### Supplied information ###
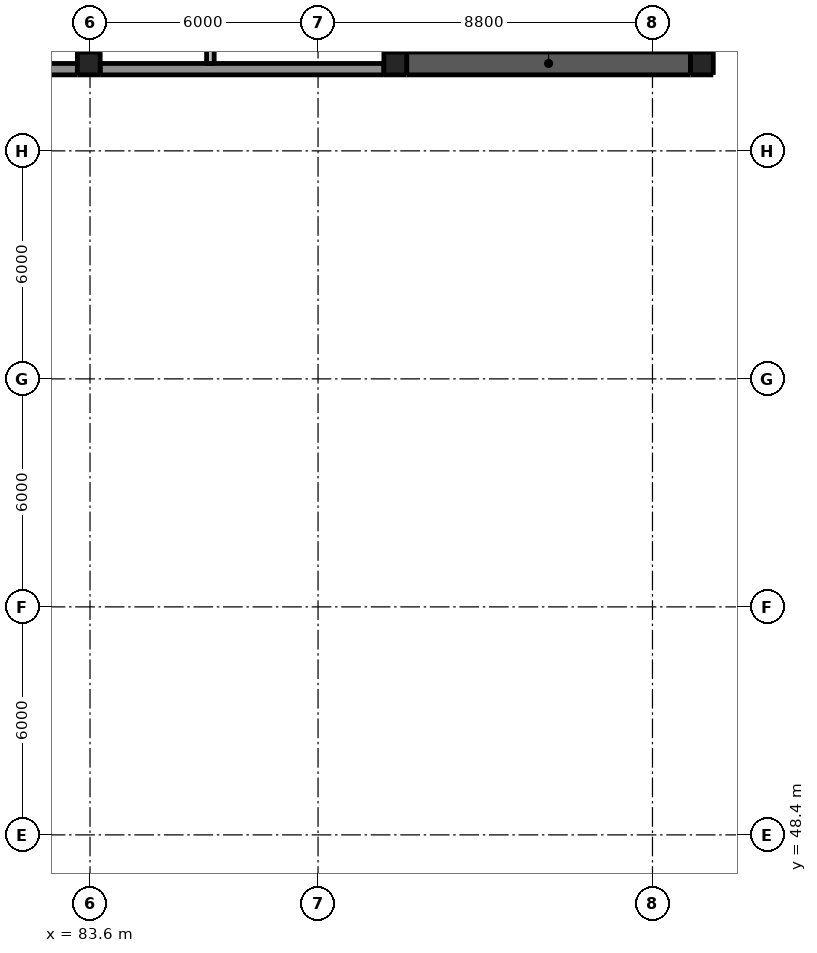
"""IFC4 building model, lengths in metres.
Left out: names, types, materials, properties, quantities, classifications, styles, units other than length and angle.
Written with IfcOpenShell. Run it as: python <this file> out.ifc"""

import sys

from ifc_helpers import new_model, si_unit, direction, frame, frame_2d, origin, origin_2d, place, context, subcontext, project, spatial, rectangle, extrude, element, fill, save


model = new_model("IFC4")
c1 = context("Model", 3, precision=1e-05, world=origin(), true_north=direction((0.0, 1.0)))
c2 = subcontext(c1, "Body", "Model", "MODEL_VIEW")
j1 = project(units=[si_unit("LENGTHUNIT", "METRE"), si_unit("PLANEANGLEUNIT", "RADIAN")], contexts=[c1])
p1 = place(None, origin())
s1 = spatial("IfcSite", under=j1, at=p1, CompositionType="ELEMENT")
p2 = place(p1, origin())
s2 = spatial("IfcBuilding", under=s1, at=p2, CompositionType="ELEMENT")
p3 = place(p2, frame((0.0, 0.0, 19.0)))
s3 = spatial("IfcBuildingStorey", under=s2, at=p3, CompositionType="ELEMENT", Elevation=19.0)
p4 = place(p3, frame((62.5, 57.05, 0.0), z_axis=(0.0, 0.0, 1.0), x_axis=(1.0, 0.0, 0.0)))
e1 = element("IfcWall", 1, at=p4, inside=s3, PredefinedType="SHEAR", context=c2, shape_type="SweptSolid", body=[
    extrude(rectangle(XDim=24.0, YDim=0.9, at=frame_2d((12.0, 0.0))), origin(), (0.0, 0.0, 1.0), 4.25),
])
p5 = place(p4, frame((20.85, 0.0, 0.0)))
e2 = element("IfcOpeningElement", 2, at=p5, cuts=e1, PredefinedType="OPENING", context=c2, shape_type="SweptSolid", body=[
    extrude(rectangle(XDim=1.1, YDim=2.1, at=frame_2d((0.55, 1.05))), frame((0.0, 0.46, 0.0), z_axis=(0.0, -1.0, 0.0), x_axis=(1.0, 0.0, 0.0)), (0.0, 0.0, 1.0), 0.92),
])
p6 = place(p4, frame((2.05, 0.0, 0.0)))
e3 = element("IfcOpeningElement", 3, at=p6, cuts=e1, PredefinedType="OPENING", context=c2, shape_type="SweptSolid", body=[
    extrude(rectangle(XDim=1.1, YDim=2.1, at=frame_2d((0.55, 1.05))), frame((0.0, 0.46, 0.0), z_axis=(0.0, -1.0, 0.0), x_axis=(1.0, 0.0, 0.0)), (0.0, 0.0, 1.0), 0.92),
])
p7 = place(p4, frame((11.55, 0.0, 0.0)))
e4 = element("IfcOpeningElement", 4, at=p7, cuts=e1, PredefinedType="OPENING", context=c2, shape_type="SweptSolid", body=[
    extrude(rectangle(XDim=0.9, YDim=2.1, at=frame_2d((0.45, 1.05))), frame((0.0, 0.46, 0.0), z_axis=(0.0, -1.0, 0.0), x_axis=(1.0, 0.0, 0.0)), (0.0, 0.0, 1.0), 0.92),
])
p8 = place(p3, frame((86.05, 33.5, 0.0), z_axis=(0.0, 0.0, 1.0), x_axis=(0.0, 1.0, 0.0)))
e5 = element("IfcWall", 5, at=p8, inside=s3, PredefinedType="SHEAR", context=c2, shape_type="SweptSolid", body=[
    extrude(rectangle(XDim=24.0, YDim=0.9, at=frame_2d((12.0, 0.0))), origin(), (0.0, 0.0, 1.0), 4.25),
])
p9 = place(p8, frame((11.2, 0.0, 0.0)))
e6 = element("IfcOpeningElement", 6, at=p9, cuts=e5, PredefinedType="OPENING", context=c2, shape_type="SweptSolid", body=[
    extrude(rectangle(XDim=1.6, YDim=2.1, at=frame_2d((0.8, 1.05))), frame((0.0, 0.46, 0.0), z_axis=(0.0, -1.0, 0.0), x_axis=(1.0, 0.0, 0.0)), (0.0, 0.0, 1.0), 0.92),
])
p10 = place(p3, frame((62.95, 50.0, 0.0), z_axis=(0.0, 0.0, 1.0), x_axis=(1.0, 0.0, 0.0)))
e7 = element("IfcWall", 7, at=p10, inside=s3, PredefinedType="SHEAR", context=c2, shape_type="SweptSolid", body=[
    extrude(rectangle(XDim=23.1, YDim=0.4, at=frame_2d((11.55, 0.0))), origin(), (0.0, 0.0, 1.0), 4.25),
])
p11 = place(p3, frame((99.4, 48.4, 0.0), z_axis=(0.0, 0.0, 1.0), x_axis=(1.0, 0.0, 0.0)))
e8 = element("IfcColumn", 8, at=p11, inside=s3, PredefinedType="COLUMN", context=c2, shape_type="SweptSolid", body=[
    extrude(rectangle(XDim=1.2, YDim=1.2, at=origin_2d()), origin(), (0.0, 0.0, 1.0), 4.5),
])
for number, where, z_axis, x_axis in (
    (9, (99.4, 54.4, 0.0), (0.0, 0.0, 1.0), (1.0, 0.0, 0.0)),
    (10, (99.4, 60.4, 0.0), (0.0, 0.0, 1.0), (1.0, 0.0, 0.0)),
    (11, (83.6, 67.4, 0.0), (0.0, 0.0, 1.0), (1.0, 0.0, 0.0)),
    (12, (89.6, 67.4, 0.0), (0.0, 0.0, 1.0), (1.0, 0.0, 0.0)),
):
    element("IfcColumn", number, at=place(p3, frame(where, z_axis=z_axis, x_axis=x_axis)), inside=s3, PredefinedType="COLUMN", context=c2, shape_type="SweptSolid", body=[
        extrude(rectangle(XDim=1.2, YDim=1.2, at=origin_2d()), origin(), (0.0, 0.0, 1.0), 4.25),
    ])
p12 = place(p3, frame((96.8, 64.8, 0.0), z_axis=(0.0, 0.0, 1.0), x_axis=(1.0, 0.0, 0.0)))
e13 = element("IfcColumn", 13, at=p12, inside=s3, PredefinedType="COLUMN", context=c2, shape_type="SweptSolid", body=[
    extrude(rectangle(XDim=3.2, YDim=3.2, at=origin_2d()), origin(), (0.0, 0.0, 1.0), 4.25),
])
for number, where, z_axis, x_axis in (
    (14, (83.567, 68.7, -0.3), (0.0, 0.0, 1.0), (1.0, 0.0, 0.0)),
    (15, (91.633, 68.7, -0.3), (0.0, 0.0, 1.0), (1.0, 0.0, 0.0)),
):
    element("IfcColumn", number, at=place(p3, frame(where, z_axis=z_axis, x_axis=x_axis)), inside=s3, PredefinedType="COLUMN", context=c2, shape_type="SweptSolid", body=[
        extrude(rectangle(XDim=0.6, YDim=0.6, at=origin_2d()), origin(), (0.0, 0.0, 1.0), 4.35),
    ])
p13 = place(p3, frame((99.7, 68.7, -0.3), z_axis=(0.0, 0.0, 1.0), x_axis=(1.0, 0.0, 0.0)))
e16 = element("IfcColumn", 16, at=p13, inside=s3, PredefinedType="COLUMN", context=c2, shape_type="SweptSolid", body=[
    extrude(rectangle(XDim=0.6, YDim=0.6, at=origin_2d()), origin(), (0.0, 0.0, 1.0), 4.8),
])
p14 = place(p3, frame((91.933, 68.7, -0.3), z_axis=(0.0, 0.0, 1.0), x_axis=(1.0, 0.0, 0.0)))
e17 = element("IfcWall", 17, at=p14, inside=s3, PredefinedType="SHEAR", context=c2, shape_type="SweptSolid", body=[
    extrude(rectangle(XDim=7.467, YDim=0.6, at=frame_2d((3.733, 0.0))), origin(), (0.0, 0.0, 1.0), 4.8),
])
for number, where, z_axis, x_axis in (
    (18, (78.2, 67.875, 0.0), (0.0, 0.0, 1.0), (1.0, 0.0, 0.0)),
    (19, (84.2, 67.875, 0.0), (0.0, 0.0, 1.0), (1.0, 0.0, 0.0)),
):
    element("IfcWall", number, at=place(p3, frame(where, z_axis=z_axis, x_axis=x_axis)), inside=s3, PredefinedType="SOLIDWALL", context=c2, shape_type="SweptSolid", body=[
        extrude(rectangle(XDim=4.8, YDim=0.25, at=frame_2d((2.4, 0.0))), origin(), (0.0, 0.0, 1.0), 4.25),
    ])
p15 = place(p3, frame((90.2, 67.875, 0.0), z_axis=(0.0, 0.0, 1.0), x_axis=(1.0, 0.0, 0.0)))
e20 = element("IfcWall", 20, at=p15, inside=s3, PredefinedType="SOLIDWALL", context=c2, shape_type="SweptSolid", body=[
    extrude(rectangle(XDim=9.8, YDim=0.25, at=frame_2d((4.9, 0.0))), origin(), (0.0, 0.0, 1.0), 4.25),
])
p16 = place(p3, frame((75.8, 68.55, 0.0), z_axis=(0.0, 0.0, 1.0), x_axis=(1.0, 0.0, 0.0)))
e21 = element("IfcWall", 21, at=p16, inside=s3, PredefinedType="SOLIDWALL", context=c2, shape_type="SweptSolid", body=[
    extrude(rectangle(XDim=7.467, YDim=0.3, at=frame_2d((3.733, 0.0))), origin(), (0.0, 0.0, 1.0), 3.15),
])
p17 = place(p3, frame((83.867, 68.55, 0.0), z_axis=(0.0, 0.0, 1.0), x_axis=(1.0, 0.0, 0.0)))
e22 = element("IfcWall", 22, at=p17, inside=s3, PredefinedType="SOLIDWALL", context=c2, shape_type="SweptSolid", body=[
    extrude(rectangle(XDim=7.466, YDim=0.3, at=frame_2d((3.733, 0.0))), origin(), (0.0, 0.0, 1.0), 3.15),
])
p18 = place(p3, frame((89.675, 48.4, 0.0), z_axis=(0.0, 0.0, 1.0), x_axis=(1.0, 0.0, 0.0)))
e23 = element("IfcWall", 23, at=p18, inside=s3, PredefinedType="PARTITIONING", context=c2, shape_type="SweptSolid", body=[
    extrude(rectangle(XDim=9.125, YDim=0.1, at=frame_2d((4.562, 0.0))), origin(), (0.0, 0.0, 1.0), 2.95),
])
p19 = place(p3, frame((89.675, 54.4, 0.0), z_axis=(0.0, 0.0, 1.0), x_axis=(1.0, 0.0, 0.0)))
e24 = element("IfcWall", 24, at=p19, inside=s3, PredefinedType="PARTITIONING", context=c2, shape_type="SweptSolid", body=[
    extrude(rectangle(XDim=9.125, YDim=0.15, at=frame_2d((4.562, 0.0))), origin(), (0.0, 0.0, 1.0), 2.944),
])
p20 = place(p3, frame((77.746, 60.4, 0.0), z_axis=(0.0, 0.0, 1.0), x_axis=(1.0, 0.0, 0.0)))
e25 = element("IfcWall", 25, at=p20, inside=s3, PredefinedType="PARTITIONING", context=c2, shape_type="SweptSolid", body=[
    extrude(rectangle(XDim=5.708, YDim=0.15, at=frame_2d((2.854, 0.0))), origin(), (0.0, 0.0, 1.0), 4.25),
])
p21 = place(p20, frame((1.954, 0.0, 0.0)))
e26 = element("IfcOpeningElement", 26, at=p21, cuts=e25, PredefinedType="OPENING", context=c2, shape_type="SweptSolid", body=[
    extrude(rectangle(XDim=1.8, YDim=2.1, at=frame_2d((0.9, 1.05))), frame((0.0, 0.085, 0.0), z_axis=(0.0, -1.0, 0.0), x_axis=(1.0, 0.0, 0.0)), (0.0, 0.0, 1.0), 0.17),
])
p22 = place(p3, frame((83.454, 60.4, 0.0), z_axis=(0.0, 0.0, 1.0), x_axis=(1.0, 0.0, 0.0)))
e27 = element("IfcWall", 27, at=p22, inside=s3, PredefinedType="PARTITIONING", context=c2, shape_type="SweptSolid", body=[
    extrude(rectangle(XDim=0.292, YDim=0.15, at=frame_2d((0.146, 0.0))), origin(), (0.0, 0.0, 1.0), 3.415),
])
p23 = place(p3, frame((83.746, 60.4, 0.0), z_axis=(0.0, 0.0, 1.0), x_axis=(1.0, 0.0, 0.0)))
e28 = element("IfcWall", 28, at=p23, inside=s3, PredefinedType="PARTITIONING", context=c2, shape_type="SweptSolid", body=[
    extrude(rectangle(XDim=5.404, YDim=0.15, at=frame_2d((2.702, 0.0))), origin(), (0.0, 0.0, 1.0), 4.25),
])
p24 = place(p23, frame((2.354, 0.0, 0.0)))
e29 = element("IfcOpeningElement", 29, at=p24, cuts=e28, PredefinedType="OPENING", context=c2, shape_type="SweptSolid", body=[
    extrude(rectangle(XDim=1.0, YDim=2.1, at=frame_2d((0.5, 1.05))), frame((0.0, 0.085, 0.0), z_axis=(0.0, -1.0, 0.0), x_axis=(1.0, 0.0, 0.0)), (0.0, 0.0, 1.0), 0.17),
])
p25 = place(p3, frame((89.15, 60.4, 0.0), z_axis=(0.0, 0.0, 1.0), x_axis=(1.0, 0.0, 0.0)))
e30 = element("IfcWall", 30, at=p25, inside=s3, PredefinedType="PARTITIONING", context=c2, shape_type="SweptSolid", body=[
    extrude(rectangle(XDim=0.9, YDim=0.15, at=frame_2d((0.45, 0.0))), origin(), (0.0, 0.0, 1.0), 2.947),
])
p26 = place(p3, frame((90.05, 60.4, 0.0), z_axis=(0.0, 0.0, 1.0), x_axis=(1.0, 0.0, 0.0)))
e31 = element("IfcWall", 31, at=p26, inside=s3, PredefinedType="PARTITIONING", context=c2, shape_type="SweptSolid", body=[
    extrude(rectangle(XDim=8.75, YDim=0.15, at=frame_2d((4.375, 0.0))), origin(), (0.0, 0.0, 1.0), 3.415),
])
p27 = place(p3, frame((83.6, 60.475, 0.0), z_axis=(0.0, 0.0, 1.0), x_axis=(0.0, 1.0, 0.0)))
e32 = element("IfcWall", 32, at=p27, inside=s3, PredefinedType="PARTITIONING", context=c2, shape_type="SweptSolid", body=[
    extrude(rectangle(XDim=6.325, YDim=0.1, at=frame_2d((3.163, 0.0))), origin(), (0.0, 0.0, 1.0), 3.415),
])
p28 = place(p3, frame((89.6, 42.85, 0.0), z_axis=(0.0, 0.0, 1.0), x_axis=(0.0, 1.0, 0.0)))
e33 = element("IfcWall", 33, at=p28, inside=s3, PredefinedType="PARTITIONING", context=c2, shape_type="SweptSolid", body=[
    extrude(rectangle(XDim=5.1, YDim=0.15, at=frame_2d((2.55, 0.0))), origin(), (0.0, 0.0, 1.0), 4.25),
])
p29 = place(p3, frame((89.6, 47.95, 0.0), z_axis=(0.0, 0.0, 1.0), x_axis=(0.0, 1.0, 0.0)))
e34 = element("IfcWall", 34, at=p29, inside=s3, PredefinedType="PARTITIONING", context=c2, shape_type="SweptSolid", body=[
    extrude(rectangle(XDim=0.9, YDim=0.15, at=frame_2d((0.45, 0.0))), origin(), (0.0, 0.0, 1.0), 2.95),
])
p30 = place(p3, frame((89.6, 48.85, 0.0), z_axis=(0.0, 0.0, 1.0), x_axis=(0.0, 1.0, 0.0)))
e35 = element("IfcWall", 35, at=p30, inside=s3, PredefinedType="PARTITIONING", context=c2, shape_type="SweptSolid", body=[
    extrude(rectangle(XDim=5.1, YDim=0.15, at=frame_2d((2.55, 0.0))), origin(), (0.0, 0.0, 1.0), 4.25),
])
p31 = place(p30, frame((2.05, 0.0, 0.0)))
e36 = element("IfcOpeningElement", 36, at=p31, cuts=e35, PredefinedType="OPENING", context=c2, shape_type="SweptSolid", body=[
    extrude(rectangle(XDim=1.0, YDim=2.1, at=frame_2d((0.5, 1.05))), frame((0.0, 0.085, 0.0), z_axis=(0.0, -1.0, 0.0), x_axis=(1.0, 0.0, 0.0)), (0.0, 0.0, 1.0), 0.17),
])
p32 = place(p3, frame((89.6, 53.95, 0.0), z_axis=(0.0, 0.0, 1.0), x_axis=(0.0, 1.0, 0.0)))
e37 = element("IfcWall", 37, at=p32, inside=s3, PredefinedType="PARTITIONING", context=c2, shape_type="SweptSolid", body=[
    extrude(rectangle(XDim=0.895, YDim=0.15, at=frame_2d((0.448, 0.0))), origin(), (0.0, 0.0, 1.0), 2.944),
])
p33 = place(p3, frame((89.6, 54.85, 0.0), z_axis=(0.0, 0.0, 1.0), x_axis=(0.0, 1.0, 0.0)))
e38 = element("IfcWall", 38, at=p33, inside=s3, PredefinedType="PARTITIONING", context=c2, shape_type="SweptSolid", body=[
    extrude(rectangle(XDim=5.475, YDim=0.15, at=frame_2d((2.737, 0.0))), origin(), (0.0, 0.0, 1.0), 2.947),
])
p34 = place(p33, frame((1.95, 0.0, 0.0)))
e39 = element("IfcOpeningElement", 39, at=p34, cuts=e38, PredefinedType="OPENING", context=c2, shape_type="SweptSolid", body=[
    extrude(rectangle(XDim=1.2, YDim=2.1, at=frame_2d((0.6, 1.05))), frame((0.0, 0.085, 0.0), z_axis=(0.0, -1.0, 0.0), x_axis=(1.0, 0.0, 0.0)), (0.0, 0.0, 1.0), 0.17),
])
p35 = place(p3, frame((86.767, 68.7, 0.0), z_axis=(0.0, 0.0, 1.0), x_axis=(0.0, 1.0, 0.0)))
e40 = element("IfcWall", 40, at=p35, inside=s3, PredefinedType="PARTITIONING", context=c2, shape_type="SweptSolid", body=[
    extrude(rectangle(XDim=5.2, YDim=0.2, at=frame_2d((2.6, 0.0))), origin(), (0.0, 0.0, 1.0), 2.85),
])
p36 = place(p5, origin())
e41 = element("IfcDoor", 41, at=p36, inside=s3, OperationType="SINGLE_SWING_RIGHT", PredefinedType="DOOR", context=c2, shape_type="SweptSolid", body=[
    extrude(rectangle(XDim=1.1, YDim=2.1, at=frame_2d((0.55, 1.05))), frame((0.0, -0.388, 0.0), z_axis=(0.0, -1.0, 0.0), x_axis=(1.0, 0.0, 0.0)), (0.0, 0.0, 1.0), 0.05),
])
fill(e2, e41)
p37 = place(p24, origin())
e42 = element("IfcDoor", 42, at=p37, inside=s3, OperationType="SINGLE_SWING_LEFT", PredefinedType="DOOR", context=c2, shape_type="SweptSolid", body=[
    extrude(rectangle(XDim=1.0, YDim=2.1, at=frame_2d((0.5, 1.05))), frame((0.0, 0.025, 0.0), z_axis=(0.0, -1.0, 0.0), x_axis=(1.0, 0.0, 0.0)), (0.0, 0.0, 1.0), 0.05),
])
fill(e29, e42)
p38 = place(p31, origin())
e43 = element("IfcDoor", 43, at=p38, inside=s3, OperationType="SINGLE_SWING_LEFT", PredefinedType="DOOR", context=c2, shape_type="SweptSolid", body=[
    extrude(rectangle(XDim=1.0, YDim=2.1, at=frame_2d((0.5, 1.05))), frame((0.0, 0.025, 0.0), z_axis=(0.0, -1.0, 0.0), x_axis=(1.0, 0.0, 0.0)), (0.0, 0.0, 1.0), 0.05),
])
fill(e36, e43)
p39 = place(p34, origin())
e44 = element("IfcDoor", 44, at=p39, inside=s3, OperationType="SINGLE_SWING_LEFT", PredefinedType="DOOR", context=c2, shape_type="SweptSolid", body=[
    extrude(rectangle(XDim=1.2, YDim=2.1, at=frame_2d((0.6, 1.05))), frame((0.0, 0.025, 0.0), z_axis=(0.0, -1.0, 0.0), x_axis=(1.0, 0.0, 0.0)), (0.0, 0.0, 1.0), 0.05),
])
fill(e39, e44)
save(model, sys.argv[1])
###
### Goal of the exercise
State the number of lines above that include "DOOR", and nothing further.

### Response to the task
4